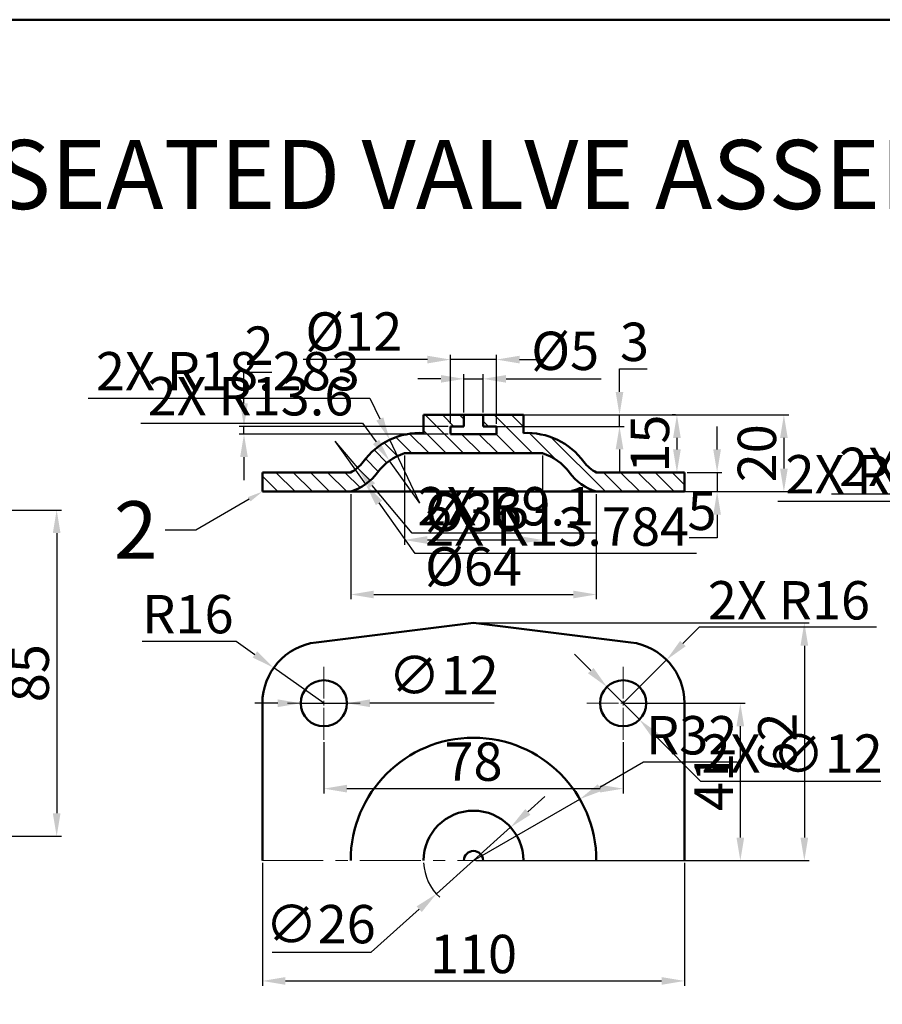
# Model space of a CAD drawing. Units: millimetres. Extents: x 147 to 984, y -369 to 435.
# Tile 7 of 10: x 475 to 699, y 179 to 435. Entities that reach past the tile are written whole.
import ezdxf
from ezdxf import colors
from ezdxf.entities.mleader import LeaderData, LeaderLine
from ezdxf.math import Vec2, Vec3

# ---------------------------------------------------------------- set-up
doc = ezdxf.new("R2010")
doc.units = ezdxf.units.MM
doc.header["$LTSCALE"] = 0.5
doc.linetypes.add('CENTER', pattern=[50.8, 31.75, -6.35, 6.35, -6.35])
for name, color, linetype, lineweight in [('M-CNTR', 1, 'CENTER', 18), ('M-DIMS', 2, 'Continuous', 25), ('M-HATC', 8, 'Continuous', 18), ('M-OUTL', 7, 'Continuous', 50), ('M-TEXT', 7, 'Continuous', 25)]:
    doc.layers.add(name, color=color, linetype=linetype, lineweight=lineweight)
doc.styles.get("Standard").update_dxf_attribs({"font": 'arial.ttf'})
doc.dimstyles.new('ISO-25', dxfattribs={"dimtxt": 10, "dimasz": 6, "dimexe": 1.25, "dimexo": 0.625, "dimtad": 1, "dimtoh": 1, "dimdec": 0, "dimtxsty": 'Standard', "dimcen": 2.5, "dimadec": 0, "dimazin": 0, "dimtfac": 1, "dimtdec": 0, "dimtmove": 0, "dimatfit": 3, "dimfxl": 1, "dimarcsym": 0})

# ---------------------------------------------------------------- blocks, each defined once
blk = doc.blocks.new('*D2')
at = {"layer": 'Defpoints', "color": 0, "transparency": 16777216}
for p in [(439.82, 307.49), (439.82, 222.49), (484.37, 222.49)]:
    blk.add_point(p, dxfattribs=at)
at = {"layer": 'M-DIMS', "color": 0, "lineweight": -2, "transparency": 16777216}
for p, q in [((440.44, 307.49), (485.62, 307.49)), ((484.37, 301.49), (484.37, 228.49)), ((440.44, 222.49), (485.62, 222.49))]:
    blk.add_line(p, q, dxfattribs=at)
at = {"layer": 'M-DIMS', "color": 0, "transparency": 16777216}
for points in [[(483.37, 301.49), (485.37, 301.49), (484.37, 307.49)], [(483.37, 228.49), (485.37, 228.49), (484.37, 222.49)]]:
    blk.add_solid(points, dxfattribs=at)
at = {"layer": 'M-DIMS', "color": 0, "transparency": 16777216, "insert": (478.64, 264.99), "char_height": 10, "attachment_point": 5, "rotation": 90}
blk.add_mtext('85', dxfattribs=at)
blk = doc.blocks.new('*U27')
at = {"layer": 'M-CNTR', "color": 0, "transparency": 16777216}
for p, q in [((0, 1.2), (0, 9.5)), ((-9.5, 0), (-1.2, 0)), ((1.2, 0), (9.5, 0)), ((0, -9.5), (0, -1.2))]:
    blk.add_line(p, q, dxfattribs=at)
at = {"layer": 'M-CNTR', "color": 0, "linetype": 'Continuous', "transparency": 16777216}
for p, q in [((-0.6, 0), (0.6, 0)), ((0, -0.6), (0, 0.6))]:
    blk.add_line(p, q, dxfattribs=at)
blk = doc.blocks.new('*U28')
at = {"layer": 'M-CNTR', "color": 0, "transparency": 16777216}
for p, q in [((0, 1.2), (0, 9.5)), ((-9.5, 0), (-1.2, 0)), ((1.2, 0), (9.5, 0)), ((0, -9.5), (0, -1.2))]:
    blk.add_line(p, q, dxfattribs=at)
at = {"layer": 'M-CNTR', "color": 0, "linetype": 'Continuous', "transparency": 16777216}
for p, q in [((-0.6, 0), (0.6, 0)), ((0, -0.6), (0, 0.6))]:
    blk.add_line(p, q, dxfattribs=at)
blk = doc.blocks.new('*D29')
at = {"layer": 'Defpoints', "color": 0, "transparency": 16777216}
for p in [(595.47, 341.7), (590.47, 332.31), (595.47, 332.31)]:
    blk.add_point(p, dxfattribs=at)
at = {"layer": 'M-DIMS', "color": 0, "lineweight": -2, "transparency": 16777216}
for p, q in [((584.47, 341.7), (578.47, 341.7)), ((590.47, 332.94), (590.47, 342.95)), ((590.47, 341.7), (595.47, 341.7)), ((595.47, 332.94), (595.47, 342.95)), ((601.47, 341.7), (626.23, 341.7))]:
    blk.add_line(p, q, dxfattribs=at)
at = {"layer": 'M-DIMS', "color": 0, "transparency": 16777216}
for points in [[(584.47, 342.7), (584.47, 340.7), (590.47, 341.7)], [(601.47, 342.7), (601.47, 340.7), (595.47, 341.7)]]:
    blk.add_solid(points, dxfattribs=at)
at = {"layer": 'M-DIMS', "color": 0, "transparency": 16777216, "insert": (616.85, 347.71), "char_height": 10, "attachment_point": 5}
blk.add_mtext('%%C5', dxfattribs=at)
blk = doc.blocks.new('*D30')
at = {"layer": 'Defpoints', "color": 0, "transparency": 16777216}
for p in [(598.97, 346.73), (586.97, 329.31), (598.97, 329.31)]:
    blk.add_point(p, dxfattribs=at)
at = {"layer": 'M-DIMS', "color": 0, "lineweight": -2, "transparency": 16777216}
for p, q in [((580.97, 346.73), (548.62, 346.73)), ((586.97, 329.94), (586.97, 347.98)), ((598.97, 346.73), (586.97, 346.73)), ((598.97, 329.94), (598.97, 347.98)), ((604.97, 346.73), (610.97, 346.73))]:
    blk.add_line(p, q, dxfattribs=at)
at = {"layer": 'M-DIMS', "color": 0, "transparency": 16777216}
for points in [[(580.97, 347.73), (580.97, 345.73), (586.97, 346.73)], [(604.97, 347.73), (604.97, 345.73), (598.97, 346.73)]]:
    blk.add_solid(points, dxfattribs=at)
at = {"layer": 'M-DIMS', "color": 0, "transparency": 16777216, "insert": (561.79, 352.74), "char_height": 10, "attachment_point": 5}
blk.add_mtext('%%C12', dxfattribs=at)
blk = doc.blocks.new('*D31')
at = {"layer": 'Defpoints', "color": 0, "transparency": 16777216}
for p in [(595.47, 332.31), (595.47, 329.31), (631.01, 329.31)]:
    blk.add_point(p, dxfattribs=at)
at = {"layer": 'M-DIMS', "color": 0, "lineweight": -2, "transparency": 16777216}
for p, q in [((631.01, 338.31), (631.01, 344.31)), ((631.01, 344.31), (638.18, 344.31)), ((596.1, 332.31), (632.26, 332.31)), ((631.01, 329.31), (631.01, 332.31)), ((596.1, 329.31), (632.26, 329.31)), ((631.01, 323.31), (631.01, 317.31))]:
    blk.add_line(p, q, dxfattribs=at)
at = {"layer": 'M-DIMS', "color": 0, "transparency": 16777216}
for points in [[(630.01, 338.31), (632.01, 338.31), (631.01, 332.31)], [(630.01, 323.31), (632.01, 323.31), (631.01, 329.31)]]:
    blk.add_solid(points, dxfattribs=at)
at = {"layer": 'M-DIMS', "color": 0, "transparency": 16777216, "insert": (634.91, 350.05), "char_height": 10, "attachment_point": 5}
blk.add_mtext('3', dxfattribs=at)
blk = doc.blocks.new('*D32')
at = {"layer": 'Defpoints', "color": 0, "transparency": 16777216}
for p in [(586.97, 329.31), (533.17, 327.31), (586.97, 327.31)]:
    blk.add_point(p, dxfattribs=at)
at = {"layer": 'M-DIMS', "color": 0, "lineweight": -2, "transparency": 16777216}
for p, q in [((533.17, 335.31), (533.17, 343.41)), ((533.17, 343.41), (540.42, 343.41)), ((586.35, 329.31), (531.92, 329.31)), ((533.17, 327.31), (533.17, 329.31)), ((586.35, 327.31), (531.92, 327.31)), ((533.17, 321.31), (533.17, 315.31))]:
    blk.add_line(p, q, dxfattribs=at)
at = {"layer": 'M-DIMS', "color": 0, "transparency": 16777216}
for points in [[(532.17, 335.31), (534.17, 335.31), (533.17, 329.31)], [(532.17, 321.31), (534.17, 321.31), (533.17, 327.31)]]:
    blk.add_solid(points, dxfattribs=at)
at = {"layer": 'M-DIMS', "color": 0, "transparency": 16777216, "insert": (537.11, 349.06), "char_height": 10, "attachment_point": 5}
blk.add_mtext('2', dxfattribs=at)
blk = doc.blocks.new('*D33')
at = {"layer": 'Defpoints', "color": 0, "transparency": 16777216}
for p in [(560.97, 312.31), (624.97, 312.31), (624.97, 285.51)]:
    blk.add_point(p, dxfattribs=at)
at = {"layer": 'M-DIMS', "color": 0, "lineweight": -2, "transparency": 16777216}
for p, q in [((560.97, 311.69), (560.97, 284.26)), ((624.97, 311.69), (624.97, 284.26)), ((566.97, 285.51), (618.97, 285.51))]:
    blk.add_line(p, q, dxfattribs=at)
at = {"layer": 'M-DIMS', "color": 0, "transparency": 16777216}
for points in [[(566.97, 286.51), (566.97, 284.51), (560.97, 285.51)], [(618.97, 286.51), (618.97, 284.51), (624.97, 285.51)]]:
    blk.add_solid(points, dxfattribs=at)
at = {"layer": 'M-DIMS', "color": 0, "transparency": 16777216, "insert": (592.97, 291.52), "char_height": 10, "attachment_point": 5}
blk.add_mtext('%%C64', dxfattribs=at)
blk = doc.blocks.new('*D34')
at = {"layer": 'Defpoints', "color": 0, "transparency": 16777216}
for p in [(574.97, 322.31), (610.97, 322.31), (610.97, 299.71)]:
    blk.add_point(p, dxfattribs=at)
at = {"layer": 'M-DIMS', "color": 0, "lineweight": -2, "transparency": 16777216}
for p, q in [((574.97, 321.69), (574.97, 298.46)), ((610.97, 321.69), (610.97, 298.46)), ((580.97, 299.71), (604.97, 299.71))]:
    blk.add_line(p, q, dxfattribs=at)
at = {"layer": 'M-DIMS', "color": 0, "transparency": 16777216}
for points in [[(580.97, 300.71), (580.97, 298.71), (574.97, 299.71)], [(604.97, 300.71), (604.97, 298.71), (610.97, 299.71)]]:
    blk.add_solid(points, dxfattribs=at)
at = {"layer": 'M-DIMS', "color": 0, "transparency": 16777216, "insert": (592.97, 305.72), "char_height": 10, "attachment_point": 5}
blk.add_mtext('%%C36', dxfattribs=at)
blk = doc.blocks.new('*D35')
at = {"layer": 'Defpoints', "color": 0, "transparency": 16777216}
for p in [(593.07, 332.31), (592.97, 312.31), (673.84, 312.31)]:
    blk.add_point(p, dxfattribs=at)
at = {"layer": 'M-DIMS', "color": 0, "lineweight": -2, "transparency": 16777216}
for p, q in [((593.69, 332.31), (675.09, 332.31)), ((673.84, 326.31), (673.84, 318.31)), ((593.6, 312.31), (675.09, 312.31))]:
    blk.add_line(p, q, dxfattribs=at)
at = {"layer": 'M-DIMS', "color": 0, "transparency": 16777216}
for points in [[(672.84, 326.31), (674.84, 326.31), (673.84, 332.31)], [(672.84, 318.31), (674.84, 318.31), (673.84, 312.31)]]:
    blk.add_solid(points, dxfattribs=at)
at = {"layer": 'M-DIMS', "color": 0, "transparency": 16777216, "insert": (668.1, 322.31), "char_height": 10, "attachment_point": 5, "rotation": 90}
blk.add_mtext('20', dxfattribs=at)
blk = doc.blocks.new('*D36')
at = {"layer": 'Defpoints', "color": 0, "transparency": 16777216}
for p in [(647.97, 317.31), (647.97, 312.31), (656.44, 312.31)]:
    blk.add_point(p, dxfattribs=at)
at = {"layer": 'M-DIMS', "color": 0, "lineweight": -2, "transparency": 16777216}
for p, q in [((656.44, 323.31), (656.44, 329.31)), ((648.6, 317.31), (657.69, 317.31)), ((656.44, 317.31), (656.44, 312.31)), ((648.6, 312.31), (657.69, 312.31)), ((656.44, 306.31), (656.44, 300.31)), ((656.44, 300.31), (649.19, 300.31))]:
    blk.add_line(p, q, dxfattribs=at)
at = {"layer": 'M-DIMS', "color": 0, "transparency": 16777216}
for points in [[(655.44, 323.31), (657.44, 323.31), (656.44, 317.31)], [(655.44, 306.31), (657.44, 306.31), (656.44, 312.31)]]:
    blk.add_solid(points, dxfattribs=at)
at = {"layer": 'M-DIMS', "color": 0, "transparency": 16777216, "insert": (652.5, 306.02), "char_height": 10, "attachment_point": 5}
blk.add_mtext('5', dxfattribs=at)
blk = doc.blocks.new('*D37')
at = {"layer": 'Defpoints', "color": 0, "transparency": 16777216}
for p in [(646.27, 332.31), (645.97, 317.31), (646.27, 317.31)]:
    blk.add_point(p, dxfattribs=at)
at = {"layer": 'M-DIMS', "color": 0, "lineweight": -2, "transparency": 16777216}
for p, q in [((645.64, 332.31), (644.72, 332.31)), ((645.97, 326.31), (645.97, 323.31)), ((645.64, 317.31), (644.72, 317.31))]:
    blk.add_line(p, q, dxfattribs=at)
at = {"layer": 'M-DIMS', "color": 0, "transparency": 16777216}
for points in [[(644.97, 326.31), (646.97, 326.31), (645.97, 332.31)], [(644.97, 323.31), (646.97, 323.31), (645.97, 317.31)]]:
    blk.add_solid(points, dxfattribs=at)
at = {"layer": 'M-DIMS', "color": 0, "transparency": 16777216, "insert": (640.24, 324.81), "char_height": 10, "attachment_point": 5, "rotation": 90}
blk.add_mtext('15', dxfattribs=at)
blk = doc.blocks.new('*D38')
at = {"layer": 'Defpoints', "color": 0, "transparency": 16777216}
for p in [(540.92, 266.42), (553.97, 257.16)]:
    blk.add_point(p, dxfattribs=at)
at = {"layer": 'M-DIMS', "color": 0, "lineweight": -2, "transparency": 16777216}
for p, q in [((506.62, 273.36), (531.13, 273.36)), ((531.13, 273.36), (536.03, 269.89)), ((553.97, 257.16), (540.92, 266.42))]:
    blk.add_line(p, q, dxfattribs=at)
at = {"layer": 'M-DIMS', "color": 0, "transparency": 16777216}
blk.add_solid([(536.61, 270.71), (535.45, 269.07), (540.92, 266.42)], dxfattribs=at)
at = {"layer": 'M-DIMS', "color": 0, "transparency": 16777216, "insert": (518.56, 279.09), "char_height": 10, "attachment_point": 5}
blk.add_mtext('R16', dxfattribs=at)
blk = doc.blocks.new('*D39')
at = {"layer": 'Defpoints', "color": 0, "transparency": 16777216}
for p in [(602.65, 224.84), (583.29, 207.48)]:
    blk.add_point(p, dxfattribs=at)
at = {"layer": 'M-DIMS', "color": 0, "lineweight": -2, "transparency": 16777216}
for p, q in [((607.12, 228.84), (611.59, 232.85)), ((602.65, 224.84), (583.29, 207.48)), ((566.33, 192.29), (578.82, 203.48)), ((540.51, 192.29), (566.33, 192.29))]:
    blk.add_line(p, q, dxfattribs=at)
blk.add_arc((592.97, 216.16), 13, 182.7546, 227.3746, dxfattribs=at)
at = {"layer": 'M-DIMS', "color": 0, "transparency": 16777216}
for points in [[(606.45, 229.59), (607.79, 228.1), (602.65, 224.84)], [(578.15, 204.23), (579.49, 202.74), (583.29, 207.48)]]:
    blk.add_solid(points, dxfattribs=at)
at = {"layer": 'M-DIMS', "color": 0, "transparency": 16777216, "insert": (553.11, 198.3), "char_height": 10, "attachment_point": 5}
blk.add_mtext('∅26', dxfattribs=at)
blk = doc.blocks.new('*D40')
at = {"layer": 'Defpoints', "color": 0, "transparency": 16777216}
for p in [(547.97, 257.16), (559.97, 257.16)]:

___

> _Problem details_:
Output only the lines running from the top of the data above to the line with "from ezdxf import colors", inclusive, word for word and without pictures.

> _Reply_:
# Model space of a CAD drawing. Units: millimetres. Extents: x 147 to 984, y -369 to 435.
# Tile 7 of 10: x 475 to 699, y 179 to 435. Entities that reach past the tile are written whole.
import ezdxf
from ezdxf import colors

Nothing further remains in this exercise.